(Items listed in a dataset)
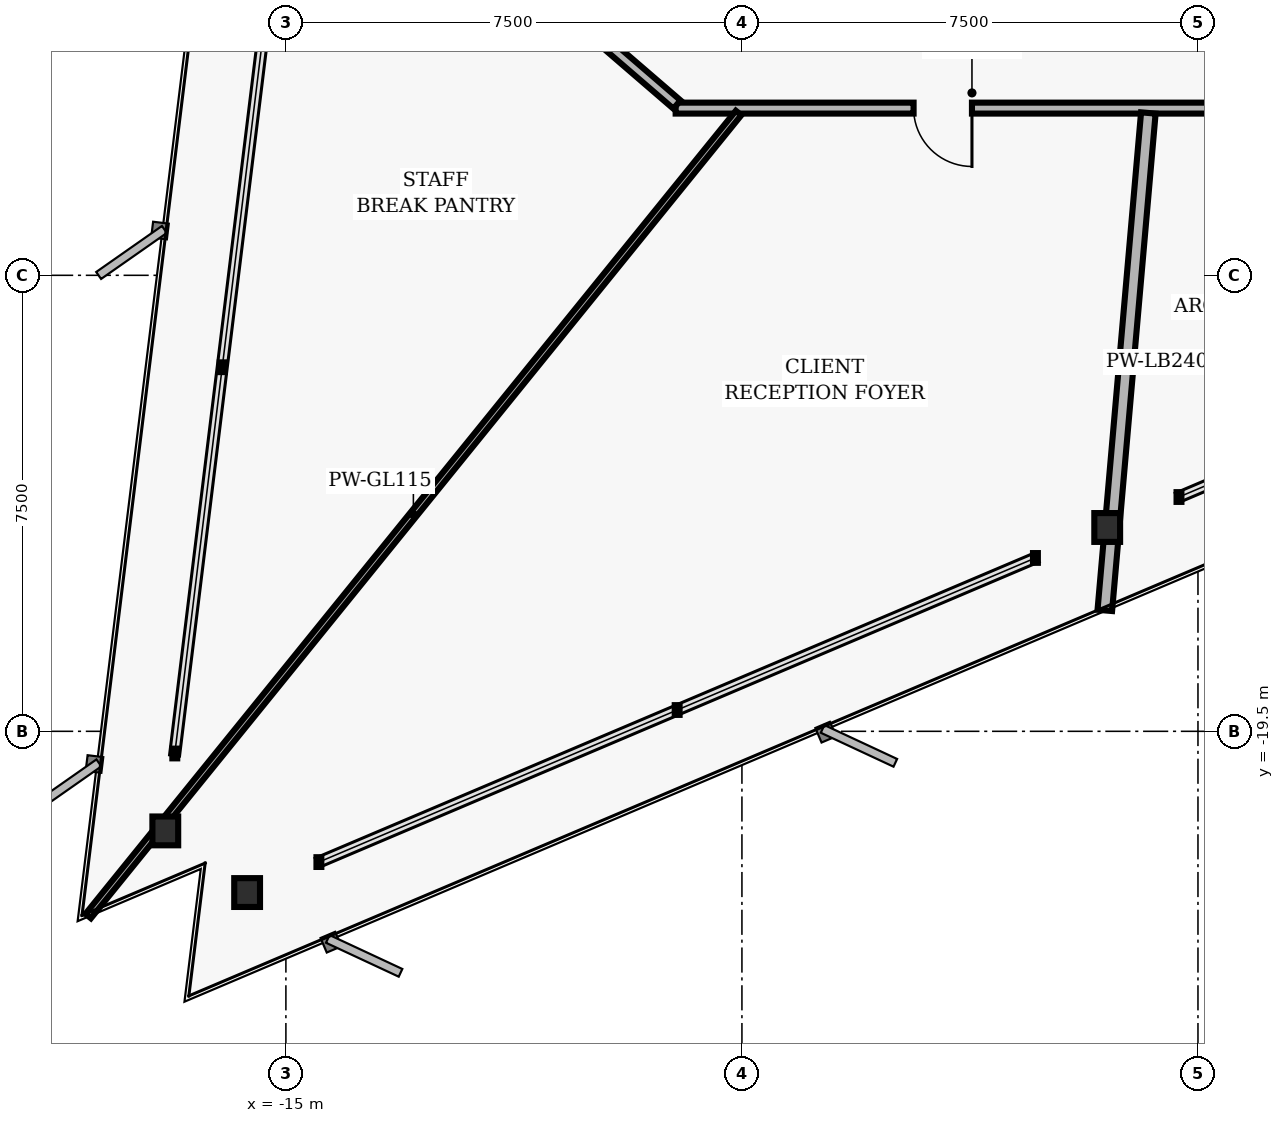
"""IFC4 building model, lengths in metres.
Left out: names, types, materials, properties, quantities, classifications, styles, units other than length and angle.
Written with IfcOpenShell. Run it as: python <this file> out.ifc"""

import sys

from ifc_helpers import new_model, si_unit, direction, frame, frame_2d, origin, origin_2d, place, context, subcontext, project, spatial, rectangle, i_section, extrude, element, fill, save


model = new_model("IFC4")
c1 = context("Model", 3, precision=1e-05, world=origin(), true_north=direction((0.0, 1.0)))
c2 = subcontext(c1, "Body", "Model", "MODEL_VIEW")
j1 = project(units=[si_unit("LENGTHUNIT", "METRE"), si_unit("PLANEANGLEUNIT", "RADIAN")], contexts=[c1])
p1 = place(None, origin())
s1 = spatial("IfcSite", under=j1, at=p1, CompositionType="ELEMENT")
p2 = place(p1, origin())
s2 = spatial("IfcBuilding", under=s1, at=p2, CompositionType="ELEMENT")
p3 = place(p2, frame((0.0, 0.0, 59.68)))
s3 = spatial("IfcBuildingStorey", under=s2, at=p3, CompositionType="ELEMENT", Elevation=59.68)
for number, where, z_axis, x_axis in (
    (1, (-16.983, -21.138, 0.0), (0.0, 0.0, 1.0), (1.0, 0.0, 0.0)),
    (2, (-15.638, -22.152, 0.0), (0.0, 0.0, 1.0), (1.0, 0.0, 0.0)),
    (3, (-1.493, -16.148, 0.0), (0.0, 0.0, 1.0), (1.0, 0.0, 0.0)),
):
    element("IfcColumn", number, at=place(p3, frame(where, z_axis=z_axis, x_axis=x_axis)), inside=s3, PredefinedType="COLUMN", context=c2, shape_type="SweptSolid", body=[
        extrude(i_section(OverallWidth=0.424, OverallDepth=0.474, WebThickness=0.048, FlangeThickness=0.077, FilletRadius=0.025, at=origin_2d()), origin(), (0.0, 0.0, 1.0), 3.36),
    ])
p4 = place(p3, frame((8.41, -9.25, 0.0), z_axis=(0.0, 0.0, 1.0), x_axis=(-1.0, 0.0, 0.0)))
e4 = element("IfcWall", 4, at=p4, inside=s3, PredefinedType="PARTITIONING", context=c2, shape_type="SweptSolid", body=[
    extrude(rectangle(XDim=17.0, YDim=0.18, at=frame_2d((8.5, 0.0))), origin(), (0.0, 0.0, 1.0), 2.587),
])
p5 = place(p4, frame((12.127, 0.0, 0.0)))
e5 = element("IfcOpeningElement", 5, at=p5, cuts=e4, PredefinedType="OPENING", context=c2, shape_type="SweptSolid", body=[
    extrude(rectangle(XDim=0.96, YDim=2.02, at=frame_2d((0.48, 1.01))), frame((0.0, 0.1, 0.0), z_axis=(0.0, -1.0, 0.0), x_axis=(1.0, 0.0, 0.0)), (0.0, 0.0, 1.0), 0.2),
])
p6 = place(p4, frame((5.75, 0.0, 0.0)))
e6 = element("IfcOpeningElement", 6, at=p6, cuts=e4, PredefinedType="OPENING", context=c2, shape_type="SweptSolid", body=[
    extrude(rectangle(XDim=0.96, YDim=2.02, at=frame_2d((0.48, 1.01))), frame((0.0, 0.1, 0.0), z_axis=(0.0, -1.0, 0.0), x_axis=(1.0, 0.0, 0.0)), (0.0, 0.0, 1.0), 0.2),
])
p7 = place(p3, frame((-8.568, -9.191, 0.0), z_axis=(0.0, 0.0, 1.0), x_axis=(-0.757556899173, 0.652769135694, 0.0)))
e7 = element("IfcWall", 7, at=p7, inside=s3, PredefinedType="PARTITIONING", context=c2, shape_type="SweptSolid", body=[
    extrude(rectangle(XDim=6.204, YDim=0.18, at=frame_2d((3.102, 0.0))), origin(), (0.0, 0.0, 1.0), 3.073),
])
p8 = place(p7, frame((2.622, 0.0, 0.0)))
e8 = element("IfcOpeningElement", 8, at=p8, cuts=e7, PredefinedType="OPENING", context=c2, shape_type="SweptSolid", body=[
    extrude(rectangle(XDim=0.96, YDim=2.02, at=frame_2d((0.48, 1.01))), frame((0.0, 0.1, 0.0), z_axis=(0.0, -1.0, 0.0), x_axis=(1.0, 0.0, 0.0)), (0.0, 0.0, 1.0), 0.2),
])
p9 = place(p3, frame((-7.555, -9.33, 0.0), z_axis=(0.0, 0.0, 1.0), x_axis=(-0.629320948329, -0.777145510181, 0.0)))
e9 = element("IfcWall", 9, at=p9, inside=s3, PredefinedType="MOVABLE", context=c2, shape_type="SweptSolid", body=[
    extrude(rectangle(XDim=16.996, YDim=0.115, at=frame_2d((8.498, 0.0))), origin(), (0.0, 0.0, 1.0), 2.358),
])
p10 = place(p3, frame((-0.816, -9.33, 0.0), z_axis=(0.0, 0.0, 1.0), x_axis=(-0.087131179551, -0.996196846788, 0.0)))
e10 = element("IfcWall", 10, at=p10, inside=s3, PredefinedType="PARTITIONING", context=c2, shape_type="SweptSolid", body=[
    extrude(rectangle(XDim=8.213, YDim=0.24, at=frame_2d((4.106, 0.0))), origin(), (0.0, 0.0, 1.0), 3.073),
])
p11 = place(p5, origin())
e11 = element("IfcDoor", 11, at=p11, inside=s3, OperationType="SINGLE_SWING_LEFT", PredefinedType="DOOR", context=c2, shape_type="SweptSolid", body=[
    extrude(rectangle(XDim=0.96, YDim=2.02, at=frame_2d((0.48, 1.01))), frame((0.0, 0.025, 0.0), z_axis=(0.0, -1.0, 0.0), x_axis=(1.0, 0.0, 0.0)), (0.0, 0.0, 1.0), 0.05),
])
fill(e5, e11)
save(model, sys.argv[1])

## WORK ORDER
Write out again only the lines from the one with "x_axis=(-0.087131179551, -0.996196846788, 0.0)))" through the last line of the records above. Keep every word as it stands.

## SOLUTION FOR THIS PROBLEM
p10 = place(p3, frame((-0.816, -9.33, 0.0), z_axis=(0.0, 0.0, 1.0), x_axis=(-0.087131179551, -0.996196846788, 0.0)))
e10 = element("IfcWall", 10, at=p10, inside=s3, PredefinedType="PARTITIONING", context=c2, shape_type="SweptSolid", body=[
    extrude(rectangle(XDim=8.213, YDim=0.24, at=frame_2d((4.106, 0.0))), origin(), (0.0, 0.0, 1.0), 3.073),
])
p11 = place(p5, origin())
e11 = element("IfcDoor", 11, at=p11, inside=s3, OperationType="SINGLE_SWING_LEFT", PredefinedType="DOOR", context=c2, shape_type="SweptSolid", body=[
    extrude(rectangle(XDim=0.96, YDim=2.02, at=frame_2d((0.48, 1.01))), frame((0.0, 0.025, 0.0), z_axis=(0.0, -1.0, 0.0), x_axis=(1.0, 0.0, 0.0)), (0.0, 0.0, 1.0), 0.05),
])
fill(e5, e11)
save(model, sys.argv[1])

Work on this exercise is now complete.